Exercise directions → Using the records below, give again exactly the lines from the line that contains "line L6 (-290, -40)" through the line that contains "0, 16) normal", both ends included, and only those.
Input Start Marker
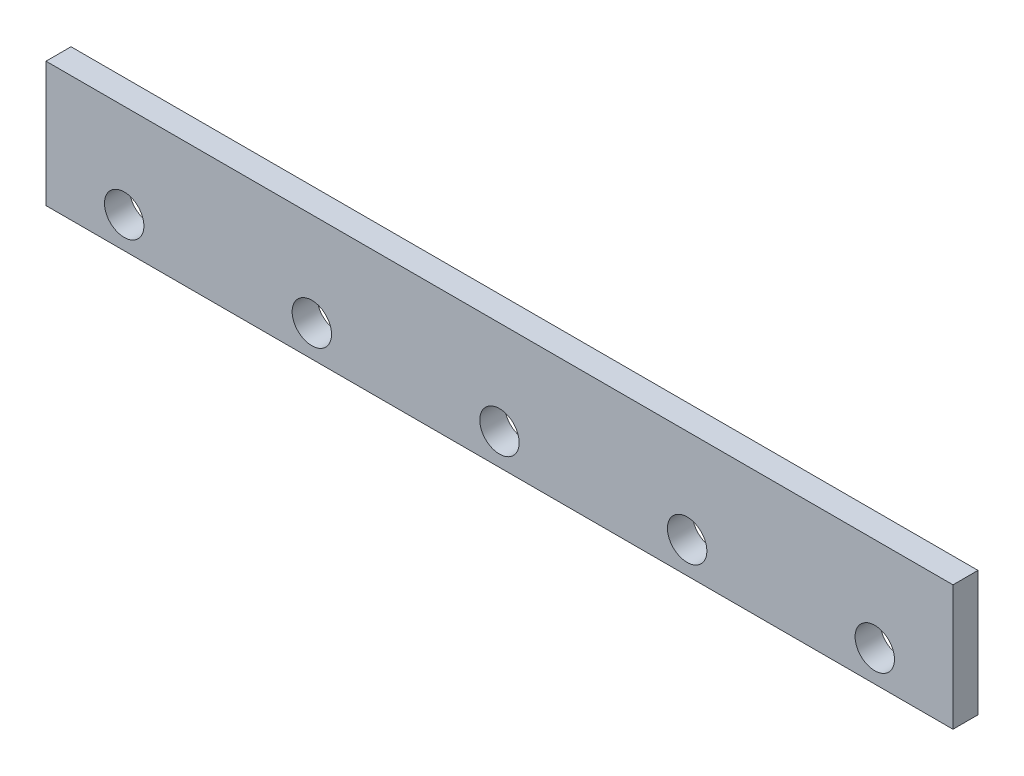
SolidWorks part; units mm, degrees
material "Plain Carbon Steel"
ref_plane "Front Plane" through (0, 0, 0) normal (0, 0, 1) x (1, 0, 0)
ref_plane "Top Plane" through (0, 0, 0) normal (0, 1, 0) x (1, 0, 0)
ref_plane "Right Plane" through (0, 0, 0) normal (1, 0, 0) x (0, 0, -1)
sketch "Bar Profile Sketch" plane through (0, 0, 0) normal (0, 0, 1) x (1, 0, 0)
  line L1 (-290, 40) -> (290, 40)
  line L2 (-290, 40) -> (-290, -40)
  line L3 (-290, -40) -> (290, -40)
  line L4 (290, 40) -> (290, -40)
  line L5 (-290, 40) -> (290, -40) construction
  line L6 (-290, -40) -> (290, 40) construction
  point P0 (0, 0)
  dimension "D1" = 580
  dimension "D2" = 80
extrude "Flat Bar 580x80x16" add sketch "Bar Profile Sketch" along normal blind 16
sketch "Hole Row Sketch" plane through (0, 0, 16) normal (0, 0, 1) x (1, 0, 0)
  line L0 (-290, -40) -> (290, -40) construction
  line L1 (-290, 40) -> (-290, -40) construction
  circle A0 centre (-240, -20) radius 12.6
  circle A1 centre (-120, -20) radius 12.6
  circle A2 centre (0, -20) radius 12.6
  circle A3 centre (120, -20) radius 12.6
  circle A4 centre (240, -20) radius 12.6
  dimension "D3" = 25.2
  dimension "D1" = 20
  dimension "D2" = 50
  dimension "D4" = 120
  dimension "D5" = 120
  dimension "D6" = 120
  dimension "D7" = 120
extrude "Through Holes 5xØ20" cut sketch "Hole Row Sketch" against normal blind 16
Input End Marker
Task output →
  line L6 (-290, -40) -> (290, 40) construction
  point P0 (0, 0)
  dimension "D1" = 580
  dimension "D2" = 80
extrude "Flat Bar 580x80x16" add sketch "Bar Profile Sketch" along normal blind 16
sketch "Hole Row Sketch" plane through (0, 0, 16) normal (0, 0, 1) x (1, 0, 0)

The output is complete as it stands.